[Activity]: Filter the listing for lines containing "import".

[Records for the exercise]:
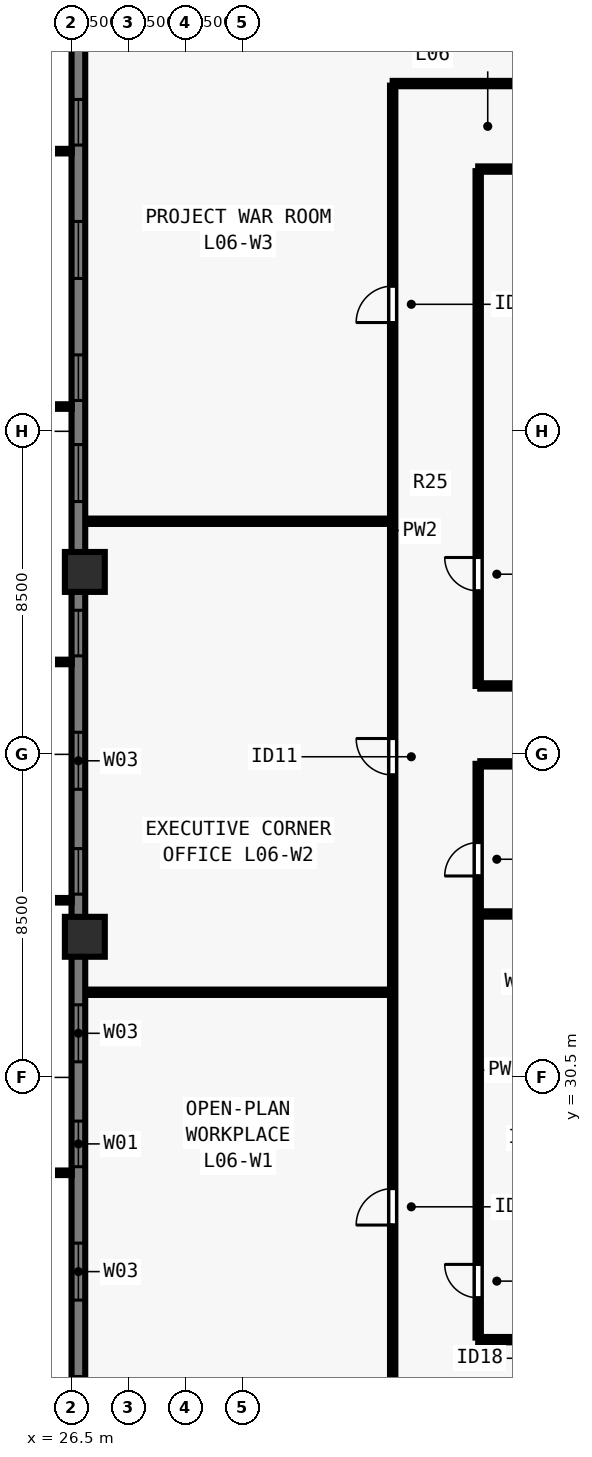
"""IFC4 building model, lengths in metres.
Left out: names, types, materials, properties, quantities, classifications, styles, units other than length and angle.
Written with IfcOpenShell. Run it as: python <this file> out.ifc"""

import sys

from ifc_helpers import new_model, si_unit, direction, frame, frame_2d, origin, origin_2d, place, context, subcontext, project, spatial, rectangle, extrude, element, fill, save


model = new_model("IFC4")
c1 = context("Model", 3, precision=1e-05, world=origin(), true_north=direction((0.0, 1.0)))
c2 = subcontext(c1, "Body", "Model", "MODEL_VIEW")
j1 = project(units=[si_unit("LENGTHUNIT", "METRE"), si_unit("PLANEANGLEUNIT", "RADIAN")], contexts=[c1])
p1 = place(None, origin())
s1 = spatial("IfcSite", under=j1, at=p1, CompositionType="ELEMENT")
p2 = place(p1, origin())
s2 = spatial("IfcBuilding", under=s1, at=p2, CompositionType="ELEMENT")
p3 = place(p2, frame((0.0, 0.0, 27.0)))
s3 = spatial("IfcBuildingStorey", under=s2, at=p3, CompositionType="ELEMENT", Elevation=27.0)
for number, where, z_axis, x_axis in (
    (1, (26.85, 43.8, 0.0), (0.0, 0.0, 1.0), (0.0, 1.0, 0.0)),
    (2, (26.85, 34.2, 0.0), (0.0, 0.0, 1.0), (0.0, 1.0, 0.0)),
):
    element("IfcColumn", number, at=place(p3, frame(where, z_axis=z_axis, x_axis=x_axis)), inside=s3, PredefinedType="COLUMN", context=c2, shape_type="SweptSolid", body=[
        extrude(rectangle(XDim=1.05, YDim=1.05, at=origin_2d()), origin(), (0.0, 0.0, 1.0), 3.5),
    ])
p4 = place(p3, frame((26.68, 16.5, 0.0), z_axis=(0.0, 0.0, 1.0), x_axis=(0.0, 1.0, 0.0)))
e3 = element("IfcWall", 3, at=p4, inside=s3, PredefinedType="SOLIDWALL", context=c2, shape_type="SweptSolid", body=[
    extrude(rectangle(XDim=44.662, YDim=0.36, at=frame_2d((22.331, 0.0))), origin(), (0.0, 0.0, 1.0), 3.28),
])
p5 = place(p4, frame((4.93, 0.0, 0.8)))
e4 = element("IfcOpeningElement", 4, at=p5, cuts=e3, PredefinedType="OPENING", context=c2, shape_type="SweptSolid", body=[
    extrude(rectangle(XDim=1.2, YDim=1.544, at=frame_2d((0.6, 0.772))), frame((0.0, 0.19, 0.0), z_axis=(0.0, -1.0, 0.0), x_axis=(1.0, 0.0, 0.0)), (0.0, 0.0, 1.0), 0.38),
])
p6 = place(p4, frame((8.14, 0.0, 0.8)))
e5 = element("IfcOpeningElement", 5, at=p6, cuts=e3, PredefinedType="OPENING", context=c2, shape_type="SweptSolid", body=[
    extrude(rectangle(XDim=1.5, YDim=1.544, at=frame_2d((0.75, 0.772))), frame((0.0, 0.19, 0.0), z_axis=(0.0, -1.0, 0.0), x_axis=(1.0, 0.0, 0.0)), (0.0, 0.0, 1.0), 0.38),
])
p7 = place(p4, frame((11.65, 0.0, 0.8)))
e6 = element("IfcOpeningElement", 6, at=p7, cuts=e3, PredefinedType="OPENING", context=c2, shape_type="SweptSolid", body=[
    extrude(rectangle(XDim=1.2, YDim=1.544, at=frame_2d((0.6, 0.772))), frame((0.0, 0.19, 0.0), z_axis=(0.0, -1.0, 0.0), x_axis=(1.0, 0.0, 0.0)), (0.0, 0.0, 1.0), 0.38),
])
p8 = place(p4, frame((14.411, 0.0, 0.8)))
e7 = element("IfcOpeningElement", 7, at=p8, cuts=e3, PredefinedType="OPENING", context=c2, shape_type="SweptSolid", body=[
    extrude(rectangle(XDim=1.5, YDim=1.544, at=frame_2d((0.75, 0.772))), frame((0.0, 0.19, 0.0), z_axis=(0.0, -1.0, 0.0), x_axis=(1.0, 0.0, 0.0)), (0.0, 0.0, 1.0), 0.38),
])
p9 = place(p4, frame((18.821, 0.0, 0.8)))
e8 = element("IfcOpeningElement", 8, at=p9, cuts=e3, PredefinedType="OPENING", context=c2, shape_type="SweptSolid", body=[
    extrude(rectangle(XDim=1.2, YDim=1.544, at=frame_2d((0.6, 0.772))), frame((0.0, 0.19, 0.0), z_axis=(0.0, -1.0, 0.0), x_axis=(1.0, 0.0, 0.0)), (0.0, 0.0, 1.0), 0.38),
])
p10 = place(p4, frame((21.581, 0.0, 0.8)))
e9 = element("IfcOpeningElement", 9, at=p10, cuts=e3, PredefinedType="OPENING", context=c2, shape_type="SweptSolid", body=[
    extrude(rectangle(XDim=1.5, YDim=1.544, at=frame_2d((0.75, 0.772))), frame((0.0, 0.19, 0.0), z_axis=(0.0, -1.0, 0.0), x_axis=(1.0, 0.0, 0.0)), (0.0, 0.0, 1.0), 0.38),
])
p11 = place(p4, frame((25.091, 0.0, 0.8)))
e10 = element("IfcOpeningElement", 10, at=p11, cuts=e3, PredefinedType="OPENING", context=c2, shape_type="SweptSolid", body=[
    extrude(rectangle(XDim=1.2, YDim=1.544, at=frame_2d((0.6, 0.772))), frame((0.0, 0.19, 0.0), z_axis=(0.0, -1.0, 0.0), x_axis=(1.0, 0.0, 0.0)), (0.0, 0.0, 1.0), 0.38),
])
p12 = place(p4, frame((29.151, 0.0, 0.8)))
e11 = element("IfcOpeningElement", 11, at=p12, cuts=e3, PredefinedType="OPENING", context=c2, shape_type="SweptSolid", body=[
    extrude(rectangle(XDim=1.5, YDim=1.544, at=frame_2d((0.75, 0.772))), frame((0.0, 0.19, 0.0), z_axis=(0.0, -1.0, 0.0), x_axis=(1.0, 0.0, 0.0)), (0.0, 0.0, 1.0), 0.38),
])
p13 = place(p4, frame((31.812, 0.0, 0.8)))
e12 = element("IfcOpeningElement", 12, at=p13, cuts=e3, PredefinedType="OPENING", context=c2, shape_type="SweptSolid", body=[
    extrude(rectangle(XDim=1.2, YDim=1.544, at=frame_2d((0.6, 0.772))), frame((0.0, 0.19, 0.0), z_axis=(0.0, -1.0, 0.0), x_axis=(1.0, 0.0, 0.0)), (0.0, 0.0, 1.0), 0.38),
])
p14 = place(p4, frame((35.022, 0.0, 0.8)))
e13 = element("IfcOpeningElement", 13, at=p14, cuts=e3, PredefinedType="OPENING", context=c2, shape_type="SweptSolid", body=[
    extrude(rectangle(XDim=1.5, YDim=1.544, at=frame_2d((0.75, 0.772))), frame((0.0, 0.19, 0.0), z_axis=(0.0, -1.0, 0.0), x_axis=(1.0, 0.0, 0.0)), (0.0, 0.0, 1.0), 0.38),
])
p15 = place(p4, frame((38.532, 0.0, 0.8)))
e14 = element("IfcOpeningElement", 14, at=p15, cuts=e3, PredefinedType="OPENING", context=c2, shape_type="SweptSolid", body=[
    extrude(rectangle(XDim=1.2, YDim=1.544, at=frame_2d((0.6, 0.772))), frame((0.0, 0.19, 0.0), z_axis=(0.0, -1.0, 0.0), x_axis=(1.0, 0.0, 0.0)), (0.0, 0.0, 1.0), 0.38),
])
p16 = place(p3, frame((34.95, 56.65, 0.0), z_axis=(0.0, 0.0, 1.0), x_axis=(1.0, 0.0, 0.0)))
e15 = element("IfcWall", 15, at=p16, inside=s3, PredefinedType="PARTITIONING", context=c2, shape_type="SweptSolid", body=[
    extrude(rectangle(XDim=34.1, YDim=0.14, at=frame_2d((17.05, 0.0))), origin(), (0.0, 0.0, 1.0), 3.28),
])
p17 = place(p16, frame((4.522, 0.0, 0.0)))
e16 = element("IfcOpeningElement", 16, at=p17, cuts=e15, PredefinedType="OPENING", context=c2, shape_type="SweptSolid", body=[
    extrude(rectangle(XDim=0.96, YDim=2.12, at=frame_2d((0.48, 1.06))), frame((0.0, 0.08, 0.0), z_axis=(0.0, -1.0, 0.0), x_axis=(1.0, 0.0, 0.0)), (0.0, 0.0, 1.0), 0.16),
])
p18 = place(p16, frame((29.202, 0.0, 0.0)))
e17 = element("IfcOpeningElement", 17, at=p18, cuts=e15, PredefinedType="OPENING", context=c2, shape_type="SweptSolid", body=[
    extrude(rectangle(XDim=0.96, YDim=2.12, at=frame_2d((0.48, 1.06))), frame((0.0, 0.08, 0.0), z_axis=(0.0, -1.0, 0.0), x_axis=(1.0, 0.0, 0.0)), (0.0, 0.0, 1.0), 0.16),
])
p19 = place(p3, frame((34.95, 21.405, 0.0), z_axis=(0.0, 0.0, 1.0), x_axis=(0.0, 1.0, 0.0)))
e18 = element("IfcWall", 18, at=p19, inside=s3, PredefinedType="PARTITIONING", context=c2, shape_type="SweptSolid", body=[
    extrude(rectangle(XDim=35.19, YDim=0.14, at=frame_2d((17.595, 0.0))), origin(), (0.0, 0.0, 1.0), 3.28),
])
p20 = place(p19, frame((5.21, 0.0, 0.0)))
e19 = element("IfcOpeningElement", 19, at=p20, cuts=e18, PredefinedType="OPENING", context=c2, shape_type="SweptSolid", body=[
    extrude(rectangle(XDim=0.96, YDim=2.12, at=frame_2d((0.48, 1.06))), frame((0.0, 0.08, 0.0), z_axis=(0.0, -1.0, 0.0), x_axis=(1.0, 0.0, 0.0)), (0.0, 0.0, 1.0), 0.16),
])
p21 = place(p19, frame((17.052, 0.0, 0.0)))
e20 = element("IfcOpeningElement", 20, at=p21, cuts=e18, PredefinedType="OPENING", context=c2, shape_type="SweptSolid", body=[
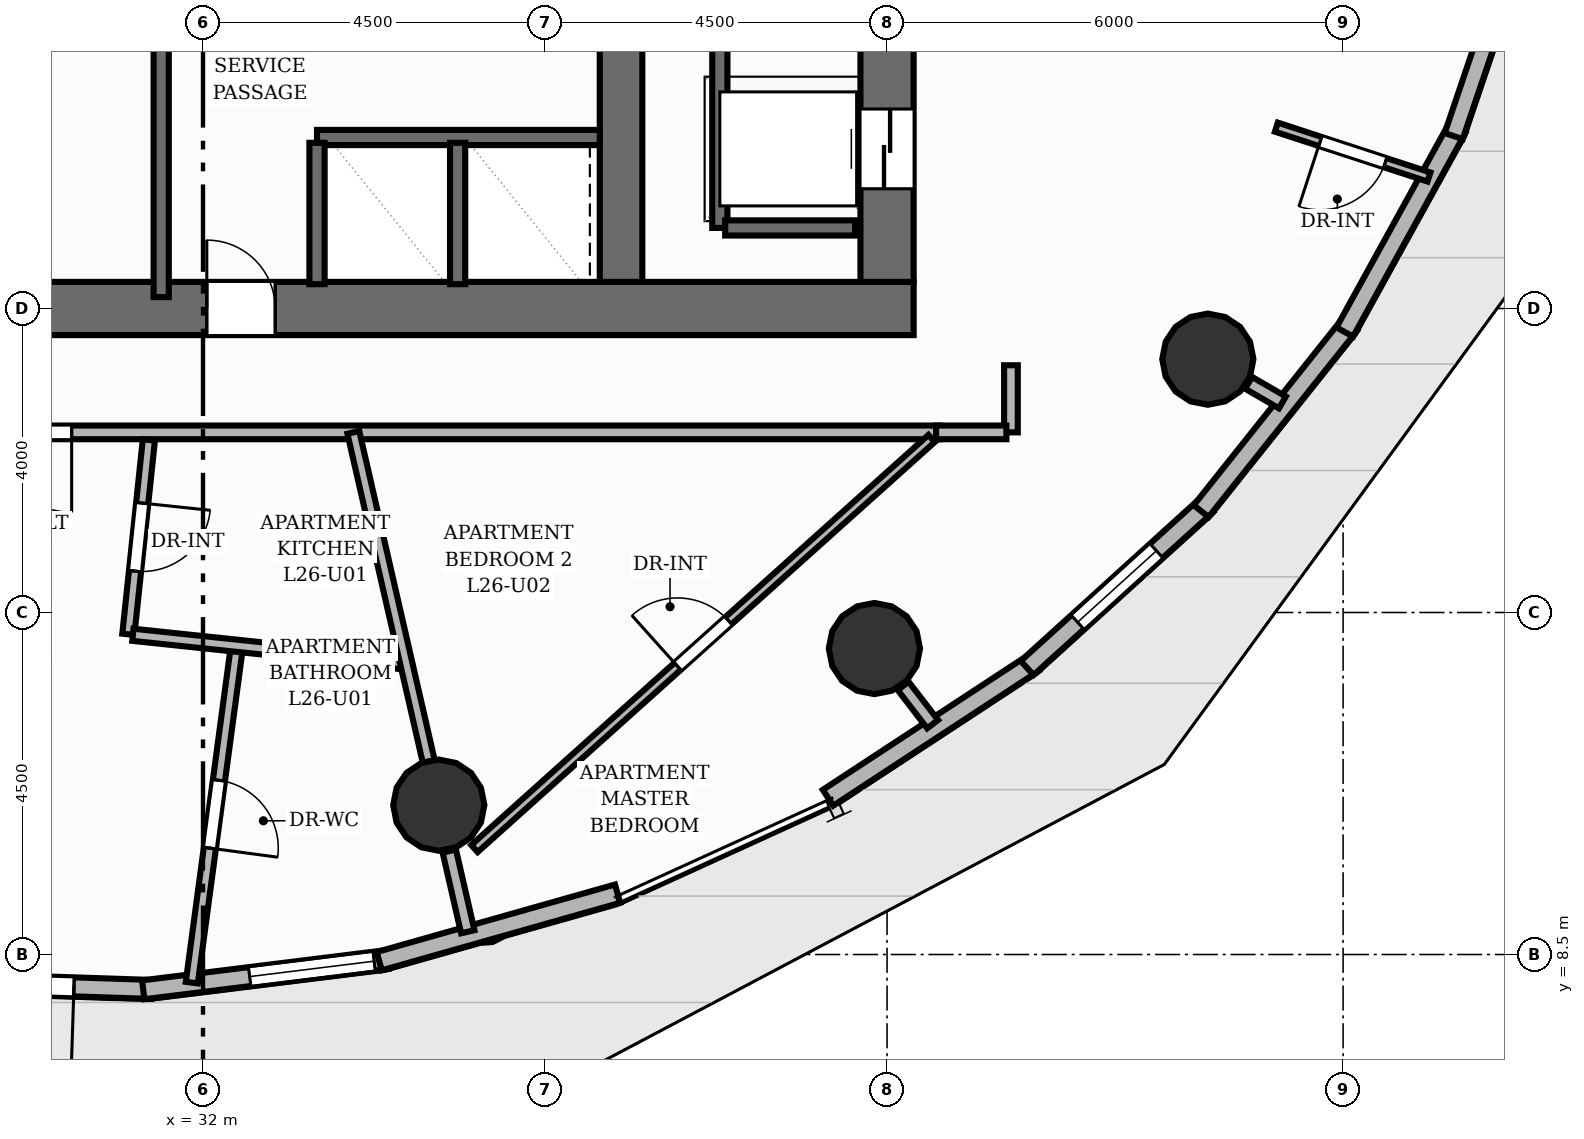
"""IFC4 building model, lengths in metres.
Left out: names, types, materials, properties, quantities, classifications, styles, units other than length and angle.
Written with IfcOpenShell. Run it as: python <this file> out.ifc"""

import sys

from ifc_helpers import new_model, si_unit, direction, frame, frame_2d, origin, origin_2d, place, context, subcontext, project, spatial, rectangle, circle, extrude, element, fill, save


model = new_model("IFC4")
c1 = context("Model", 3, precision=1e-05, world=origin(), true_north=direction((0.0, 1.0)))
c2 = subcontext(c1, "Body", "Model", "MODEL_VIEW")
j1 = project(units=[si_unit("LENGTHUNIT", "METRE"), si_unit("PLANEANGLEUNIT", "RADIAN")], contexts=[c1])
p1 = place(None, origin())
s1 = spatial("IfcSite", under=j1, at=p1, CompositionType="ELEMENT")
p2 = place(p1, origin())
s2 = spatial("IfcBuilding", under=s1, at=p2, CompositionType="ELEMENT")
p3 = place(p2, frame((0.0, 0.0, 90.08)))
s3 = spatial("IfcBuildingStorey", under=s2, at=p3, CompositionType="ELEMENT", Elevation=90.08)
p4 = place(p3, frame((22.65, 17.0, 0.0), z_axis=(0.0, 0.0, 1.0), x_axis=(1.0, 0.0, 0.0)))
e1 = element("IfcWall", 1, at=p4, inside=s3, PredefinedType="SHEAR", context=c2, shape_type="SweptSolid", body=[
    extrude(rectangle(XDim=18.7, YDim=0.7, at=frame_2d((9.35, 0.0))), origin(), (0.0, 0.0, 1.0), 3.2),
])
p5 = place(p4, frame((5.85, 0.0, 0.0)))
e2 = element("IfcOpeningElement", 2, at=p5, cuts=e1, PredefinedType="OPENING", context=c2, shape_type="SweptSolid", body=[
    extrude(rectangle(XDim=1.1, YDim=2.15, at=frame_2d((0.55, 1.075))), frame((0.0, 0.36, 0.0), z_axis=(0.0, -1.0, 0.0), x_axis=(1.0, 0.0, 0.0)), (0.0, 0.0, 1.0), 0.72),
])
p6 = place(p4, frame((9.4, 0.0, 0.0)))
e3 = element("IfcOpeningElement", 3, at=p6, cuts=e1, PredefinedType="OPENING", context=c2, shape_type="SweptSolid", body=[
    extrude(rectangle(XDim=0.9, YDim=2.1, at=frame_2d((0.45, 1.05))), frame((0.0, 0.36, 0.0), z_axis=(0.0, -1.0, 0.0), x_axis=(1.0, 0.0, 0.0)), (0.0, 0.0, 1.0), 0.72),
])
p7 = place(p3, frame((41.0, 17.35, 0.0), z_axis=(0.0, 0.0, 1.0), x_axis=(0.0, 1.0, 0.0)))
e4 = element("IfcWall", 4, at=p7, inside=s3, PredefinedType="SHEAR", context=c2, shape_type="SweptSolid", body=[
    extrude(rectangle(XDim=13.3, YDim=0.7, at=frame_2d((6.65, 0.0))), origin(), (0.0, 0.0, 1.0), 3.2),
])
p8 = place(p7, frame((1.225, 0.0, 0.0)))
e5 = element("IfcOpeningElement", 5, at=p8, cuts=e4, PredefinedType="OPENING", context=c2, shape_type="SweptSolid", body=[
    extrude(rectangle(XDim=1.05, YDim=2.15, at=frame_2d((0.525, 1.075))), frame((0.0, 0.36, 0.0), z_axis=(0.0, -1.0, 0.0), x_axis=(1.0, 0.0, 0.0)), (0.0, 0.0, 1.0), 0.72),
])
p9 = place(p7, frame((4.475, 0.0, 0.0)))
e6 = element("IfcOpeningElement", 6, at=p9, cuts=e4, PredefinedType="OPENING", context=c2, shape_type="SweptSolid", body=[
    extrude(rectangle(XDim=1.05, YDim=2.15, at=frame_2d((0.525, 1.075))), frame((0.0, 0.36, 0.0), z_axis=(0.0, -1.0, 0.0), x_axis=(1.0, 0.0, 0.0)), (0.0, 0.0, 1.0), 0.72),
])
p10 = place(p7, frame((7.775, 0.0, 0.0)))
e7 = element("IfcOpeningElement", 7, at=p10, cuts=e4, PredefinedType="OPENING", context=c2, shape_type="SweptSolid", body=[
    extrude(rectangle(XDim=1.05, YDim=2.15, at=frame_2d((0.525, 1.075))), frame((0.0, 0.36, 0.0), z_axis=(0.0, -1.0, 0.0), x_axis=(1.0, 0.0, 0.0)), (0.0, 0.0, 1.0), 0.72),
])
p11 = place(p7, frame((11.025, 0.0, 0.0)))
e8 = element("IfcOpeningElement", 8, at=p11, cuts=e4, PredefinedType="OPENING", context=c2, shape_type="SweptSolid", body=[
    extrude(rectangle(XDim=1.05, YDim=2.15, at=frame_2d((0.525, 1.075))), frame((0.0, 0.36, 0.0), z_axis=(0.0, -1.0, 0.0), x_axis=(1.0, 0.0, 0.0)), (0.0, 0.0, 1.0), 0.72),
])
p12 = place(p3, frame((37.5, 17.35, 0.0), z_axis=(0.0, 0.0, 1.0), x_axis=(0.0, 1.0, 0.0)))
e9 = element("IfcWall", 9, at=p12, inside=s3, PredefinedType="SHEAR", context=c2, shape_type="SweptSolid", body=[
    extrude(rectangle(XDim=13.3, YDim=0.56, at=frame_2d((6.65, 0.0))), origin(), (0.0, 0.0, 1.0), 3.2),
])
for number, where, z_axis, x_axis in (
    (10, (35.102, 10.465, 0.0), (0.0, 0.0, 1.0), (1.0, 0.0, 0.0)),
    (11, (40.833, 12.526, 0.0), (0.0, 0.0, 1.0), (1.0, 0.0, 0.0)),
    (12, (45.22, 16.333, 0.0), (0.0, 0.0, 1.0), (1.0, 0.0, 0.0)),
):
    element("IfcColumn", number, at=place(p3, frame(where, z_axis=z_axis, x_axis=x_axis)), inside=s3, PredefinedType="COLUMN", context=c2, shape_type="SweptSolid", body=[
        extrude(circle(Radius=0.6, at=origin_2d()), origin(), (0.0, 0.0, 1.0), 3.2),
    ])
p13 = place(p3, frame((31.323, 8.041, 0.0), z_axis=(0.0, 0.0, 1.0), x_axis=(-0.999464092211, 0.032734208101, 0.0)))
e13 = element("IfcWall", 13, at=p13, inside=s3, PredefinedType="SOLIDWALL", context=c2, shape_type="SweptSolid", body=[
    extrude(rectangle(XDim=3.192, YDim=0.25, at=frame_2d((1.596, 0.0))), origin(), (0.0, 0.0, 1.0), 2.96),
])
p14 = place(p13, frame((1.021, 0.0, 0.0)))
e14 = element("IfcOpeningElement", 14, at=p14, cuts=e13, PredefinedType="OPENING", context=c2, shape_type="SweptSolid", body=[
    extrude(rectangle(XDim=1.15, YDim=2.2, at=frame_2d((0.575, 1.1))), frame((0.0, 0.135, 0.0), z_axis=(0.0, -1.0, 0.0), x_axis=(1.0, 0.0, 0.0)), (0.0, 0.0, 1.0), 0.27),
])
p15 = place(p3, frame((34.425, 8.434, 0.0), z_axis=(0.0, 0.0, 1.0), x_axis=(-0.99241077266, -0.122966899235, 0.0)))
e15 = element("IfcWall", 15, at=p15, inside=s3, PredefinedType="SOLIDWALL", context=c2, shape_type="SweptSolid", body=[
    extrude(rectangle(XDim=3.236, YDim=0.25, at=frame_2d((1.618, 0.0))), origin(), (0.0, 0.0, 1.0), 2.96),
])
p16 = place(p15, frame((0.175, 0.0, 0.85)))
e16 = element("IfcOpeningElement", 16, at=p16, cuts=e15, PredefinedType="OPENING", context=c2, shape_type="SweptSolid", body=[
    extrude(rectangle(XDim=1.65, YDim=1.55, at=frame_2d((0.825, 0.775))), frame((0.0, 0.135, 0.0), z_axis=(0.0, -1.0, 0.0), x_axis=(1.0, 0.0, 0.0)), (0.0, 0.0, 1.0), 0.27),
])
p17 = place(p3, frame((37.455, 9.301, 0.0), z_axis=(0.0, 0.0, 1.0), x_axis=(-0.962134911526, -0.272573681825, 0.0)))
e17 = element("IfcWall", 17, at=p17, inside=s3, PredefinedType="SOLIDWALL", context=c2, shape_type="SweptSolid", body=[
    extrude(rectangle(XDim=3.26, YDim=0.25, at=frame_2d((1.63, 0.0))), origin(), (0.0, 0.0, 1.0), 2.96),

[Answer area]:
import sys
from ifc_helpers import new_model, si_unit, direction, frame, frame_2d, origin, origin_2d, place, context, subcontext, project, spatial, rectangle, extrude, element, fill, save
import sys
from ifc_helpers import new_model, si_unit, direction, frame, frame_2d, origin, origin_2d, place, context, subcontext, project, spatial, rectangle, circle, extrude, element, fill, save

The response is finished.